*About this task*:
Sort through the entries below and pull out lines containing the word "number".

*Input data*:

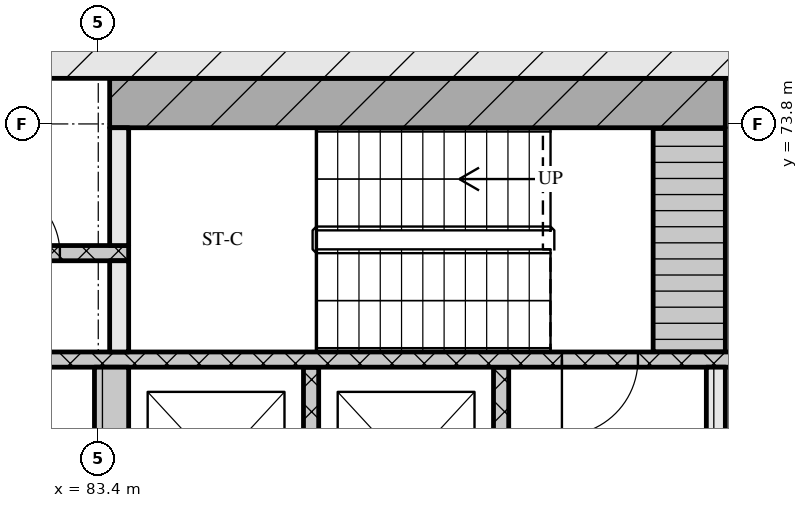
"""IFC4 building model, lengths in metres.
Left out: names, types, materials, properties, quantities, classifications, styles, units other than length and angle.
Written with IfcOpenShell. Run it as: python <this file> out.ifc"""

import sys

from ifc_helpers import new_model, si_unit, direction, frame, frame_2d, origin, place, context, subcontext, project, spatial, rectangle, extrude, element, fill, save


model = new_model("IFC4")
c1 = context("Model", 3, precision=1e-05, world=origin(), true_north=direction((0.0, 1.0)))
c2 = subcontext(c1, "Body", "Model", "MODEL_VIEW")
j1 = project(units=[si_unit("LENGTHUNIT", "METRE"), si_unit("PLANEANGLEUNIT", "RADIAN")], contexts=[c1])
p1 = place(None, origin())
s1 = spatial("IfcSite", under=j1, at=p1, CompositionType="ELEMENT")
p2 = place(p1, origin())
s2 = spatial("IfcBuilding", under=s1, at=p2, CompositionType="ELEMENT")
p3 = place(p2, frame((0.0, 0.0, 23.7)))
s3 = spatial("IfcBuildingStorey", under=s2, at=p3, CompositionType="ELEMENT", Elevation=23.7)
p4 = place(p3, frame((66.6, 75.0, 0.0), z_axis=(0.0, 0.0, 1.0), x_axis=(1.0, 0.0, 0.0)))
e1 = element("IfcWall", 1, at=p4, inside=s3, PredefinedType="SOLIDWALL", context=c2, shape_type="SweptSolid", body=[
    extrude(rectangle(XDim=42.0, YDim=1.2, at=frame_2d((21.0, 0.0))), origin(), (0.0, 0.0, 1.0), 4.2),
])
p5 = place(p3, frame((83.575, 68.0, 0.0), z_axis=(0.0, 0.0, 1.0), x_axis=(0.0, 1.0, 0.0)))
e2 = element("IfcWall", 2, at=p5, inside=s3, PredefinedType="SOLIDWALL", context=c2, shape_type="SweptSolid", body=[
    extrude(rectangle(XDim=2.6, YDim=0.45, at=frame_2d((1.3, 0.0))), origin(), (0.0, 0.0, 1.0), 4.2),
])
for number, where, z_axis, x_axis in (
    (3, (86.2, 68.0, 0.0), (0.0, 0.0, 1.0), (0.0, 1.0, 0.0)),
    (4, (88.7, 68.0, 0.0), (0.0, 0.0, 1.0), (0.0, 1.0, 0.0)),
):
    element("IfcWall", number, at=place(p3, frame(where, z_axis=z_axis, x_axis=x_axis)), inside=s3, PredefinedType="SOLIDWALL", context=c2, shape_type="SweptSolid", body=[
        extrude(rectangle(XDim=2.6, YDim=0.2, at=frame_2d((1.3, 0.0))), origin(), (0.0, 0.0, 1.0), 4.2),
    ])
p6 = place(p3, frame((91.525, 68.0, 0.0), z_axis=(0.0, 0.0, 1.0), x_axis=(0.0, 1.0, 0.0)))
e5 = element("IfcWall", 5, at=p6, inside=s3, PredefinedType="SOLIDWALL", context=c2, shape_type="SweptSolid", body=[
    extrude(rectangle(XDim=2.6, YDim=0.25, at=frame_2d((1.3, 0.0))), origin(), (0.0, 0.0, 1.0), 4.2),
])
p7 = place(p3, frame((67.8, 70.7, 0.0), z_axis=(0.0, 0.0, 1.0), x_axis=(1.0, 0.0, 0.0)))
e6 = element("IfcWall", 6, at=p7, inside=s3, PredefinedType="SOLIDWALL", context=c2, shape_type="SweptSolid", body=[
    extrude(rectangle(XDim=39.6, YDim=0.2, at=frame_2d((19.8, 0.0))), origin(), (0.0, 0.0, 1.0), 4.2),
])
p8 = place(p7, frame((0.65, 0.0, 0.0)))
e7 = element("IfcOpeningElement", 7, at=p8, cuts=e6, PredefinedType="OPENING", context=c2, shape_type="SweptSolid", body=[
    extrude(rectangle(XDim=1.1, YDim=2.1, at=frame_2d((0.55, 1.05))), frame((0.0, 0.11, 0.0), z_axis=(0.0, -1.0, 0.0), x_axis=(1.0, 0.0, 0.0)), (0.0, 0.0, 1.0), 0.22),
])
p9 = place(p7, frame((3.25, 0.0, 0.0)))
e8 = element("IfcOpeningElement", 8, at=p9, cuts=e6, PredefinedType="OPENING", context=c2, shape_type="SweptSolid", body=[
    extrude(rectangle(XDim=1.1, YDim=2.1, at=frame_2d((0.55, 1.05))), frame((0.0, 0.11, 0.0), z_axis=(0.0, -1.0, 0.0), x_axis=(1.0, 0.0, 0.0)), (0.0, 0.0, 1.0), 0.22),
])
p10 = place(p7, frame((5.9, 0.0, 0.0)))
e9 = element("IfcOpeningElement", 9, at=p10, cuts=e6, PredefinedType="OPENING", context=c2, shape_type="SweptSolid", body=[
    extrude(rectangle(XDim=1.0, YDim=2.1, at=frame_2d((0.5, 1.05))), frame((0.0, 0.11, 0.0), z_axis=(0.0, -1.0, 0.0), x_axis=(1.0, 0.0, 0.0)), (0.0, 0.0, 1.0), 0.22),
])
p11 = place(p7, frame((21.7, 0.0, 0.0)))
e10 = element("IfcOpeningElement", 10, at=p11, cuts=e6, PredefinedType="OPENING", context=c2, shape_type="SweptSolid", body=[
    extrude(rectangle(XDim=1.0, YDim=2.1, at=frame_2d((0.5, 1.05))), frame((0.0, 0.11, 0.0), z_axis=(0.0, -1.0, 0.0), x_axis=(1.0, 0.0, 0.0)), (0.0, 0.0, 1.0), 0.22),
])
p12 = place(p7, frame((32.7, 0.0, 0.0)))
e11 = element("IfcOpeningElement", 11, at=p12, cuts=e6, PredefinedType="OPENING", context=c2, shape_type="SweptSolid", body=[
    extrude(rectangle(XDim=1.0, YDim=2.1, at=frame_2d((0.5, 1.05))), frame((0.0, 0.11, 0.0), z_axis=(0.0, -1.0, 0.0), x_axis=(1.0, 0.0, 0.0)), (0.0, 0.0, 1.0), 0.22),
])
p13 = place(p7, frame((35.25, 0.0, 0.0)))
e12 = element("IfcOpeningElement", 12, at=p13, cuts=e6, PredefinedType="OPENING", context=c2, shape_type="SweptSolid", body=[
    extrude(rectangle(XDim=1.1, YDim=2.1, at=frame_2d((0.55, 1.05))), frame((0.0, 0.11, 0.0), z_axis=(0.0, -1.0, 0.0), x_axis=(1.0, 0.0, 0.0)), (0.0, 0.0, 1.0), 0.22),
])
p14 = place(p7, frame((37.85, 0.0, 0.0)))
e13 = element("IfcOpeningElement", 13, at=p14, cuts=e6, PredefinedType="OPENING", context=c2, shape_type="SweptSolid", body=[
    extrude(rectangle(XDim=1.1, YDim=2.1, at=frame_2d((0.55, 1.05))), frame((0.0, 0.11, 0.0), z_axis=(0.0, -1.0, 0.0), x_axis=(1.0, 0.0, 0.0)), (0.0, 0.0, 1.0), 0.22),
])
p15 = place(p3, frame((83.675, 70.8, 0.0), z_axis=(0.0, 0.0, 1.0), x_axis=(0.0, 1.0, 0.0)))
e14 = element("IfcWall", 14, at=p15, inside=s3, PredefinedType="SOLIDWALL", context=c2, shape_type="SweptSolid", body=[
    extrude(rectangle(XDim=1.2, YDim=0.25, at=frame_2d((0.6, 0.0))), origin(), (0.0, 0.0, 1.0), 4.2),
])
p16 = place(p3, frame((91.175, 70.8, 0.0), z_axis=(0.0, 0.0, 1.0), x_axis=(0.0, 1.0, 0.0)))
e15 = element("IfcWall", 15, at=p16, inside=s3, PredefinedType="SOLIDWALL", context=c2, shape_type="SweptSolid", body=[
    extrude(rectangle(XDim=2.95, YDim=0.95, at=frame_2d((1.475, 0.0))), origin(), (0.0, 0.0, 1.0), 4.2),
])
p17 = place(p3, frame((72.8, 72.1, 0.0), z_axis=(0.0, 0.0, 1.0), x_axis=(1.0, 0.0, 0.0)))
e16 = element("IfcWall", 16, at=p17, inside=s3, PredefinedType="SOLIDWALL", context=c2, shape_type="SweptSolid", body=[
    extrude(rectangle(XDim=11.0, YDim=0.2, at=frame_2d((5.5, 0.0))), origin(), (0.0, 0.0, 1.0), 4.2),
])
p18 = place(p17, frame((1.25, 0.0, 0.0)))
e17 = element("IfcOpeningElement", 17, at=p18, cuts=e16, PredefinedType="OPENING", context=c2, shape_type="SweptSolid", body=[
    extrude(rectangle(XDim=0.9, YDim=2.1, at=frame_2d((0.45, 1.05))), frame((0.0, 0.11, 0.0), z_axis=(0.0, -1.0, 0.0), x_axis=(1.0, 0.0, 0.0)), (0.0, 0.0, 1.0), 0.22),
])
p19 = place(p17, frame((3.85, 0.0, 0.0)))
e18 = element("IfcOpeningElement", 18, at=p19, cuts=e16, PredefinedType="OPENING", context=c2, shape_type="SweptSolid", body=[
    extrude(rectangle(XDim=0.9, YDim=2.1, at=frame_2d((0.45, 1.05))), frame((0.0, 0.11, 0.0), z_axis=(0.0, -1.0, 0.0), x_axis=(1.0, 0.0, 0.0)), (0.0, 0.0, 1.0), 0.22),
])
p20 = place(p17, frame((6.42, 0.0, 0.0)))
e19 = element("IfcOpeningElement", 19, at=p20, cuts=e16, PredefinedType="OPENING", context=c2, shape_type="SweptSolid", body=[
    extrude(rectangle(XDim=0.9, YDim=2.1, at=frame_2d((0.45, 1.05))), frame((0.0, 0.11, 0.0), z_axis=(0.0, -1.0, 0.0), x_axis=(1.0, 0.0, 0.0)), (0.0, 0.0, 1.0), 0.22),
])
p21 = place(p17, frame((9.195, 0.0, 0.0)))
e20 = element("IfcOpeningElement", 20, at=p21, cuts=e16, PredefinedType="OPENING", context=c2, shape_type="SweptSolid", body=[
    extrude(rectangle(XDim=0.9, YDim=2.1, at=frame_2d((0.45, 1.05))), frame((0.0, 0.11, 0.0), z_axis=(0.0, -1.0, 0.0), x_axis=(1.0, 0.0, 0.0)), (0.0, 0.0, 1.0), 0.22),
])
p22 = place(p3, frame((83.675, 72.2, 0.0), z_axis=(0.0, 0.0, 1.0), x_axis=(0.0, 1.0, 0.0)))
e21 = element("IfcWall", 21, at=p22, inside=s3, PredefinedType="SOLIDWALL", context=c2, shape_type="SweptSolid", body=[
    extrude(rectangle(XDim=1.55, YDim=0.25, at=frame_2d((0.775, 0.0))), origin(), (0.0, 0.0, 1.0), 4.2),
])
p23 = place(p3, frame((83.55, 74.075, 0.0), z_axis=(0.0, 0.0, 1.0), x_axis=(1.0, 0.0, 0.0)))
e22 = element("IfcWall", 22, at=p23, inside=s3, PredefinedType="SOLIDWALL", context=c2, shape_type="SweptSolid", body=[
    extrude(rectangle(XDim=8.1, YDim=0.65, at=frame_2d((4.05, 0.0))), origin(), (0.0, 0.0, 1.0), 4.2),
])
p24 = place(p11, origin())
e23 = element("IfcDoor", 23, at=p24, inside=s3, OperationType="SINGLE_SWING_RIGHT", PredefinedType="DOOR", context=c2, shape_type="SweptSolid", body=[
    extrude(rectangle(XDim=1.0, YDim=2.1, at=frame_2d((0.5, 1.05))), frame((0.0, 0.025, 0.0), z_axis=(0.0, -1.0, 0.0), x_axis=(1.0, 0.0, 0.0)), (0.0, 0.0, 1.0), 0.05),
])
fill(e10, e23)
p25 = place(p21, origin())
e24 = element("IfcDoor", 24, at=p25, inside=s3, OperationType="SINGLE_SWING_LEFT", PredefinedType="DOOR", context=c2, shape_type="SweptSolid", body=[
    extrude(rectangle(XDim=0.9, YDim=2.1, at=frame_2d((0.45, 1.05))), frame((0.0, 0.025, 0.0), z_axis=(0.0, -1.0, 0.0), x_axis=(1.0, 0.0, 0.0)), (0.0, 0.0, 1.0), 0.05),
])
fill(e20, e24)
save(model, sys.argv[1])

*Task solution*:
for number, where, z_axis, x_axis in (
    element("IfcWall", number, at=place(p3, frame(where, z_axis=z_axis, x_axis=x_axis)), inside=s3, PredefinedType="SOLIDWALL", context=c2, shape_type="SweptSolid", body=[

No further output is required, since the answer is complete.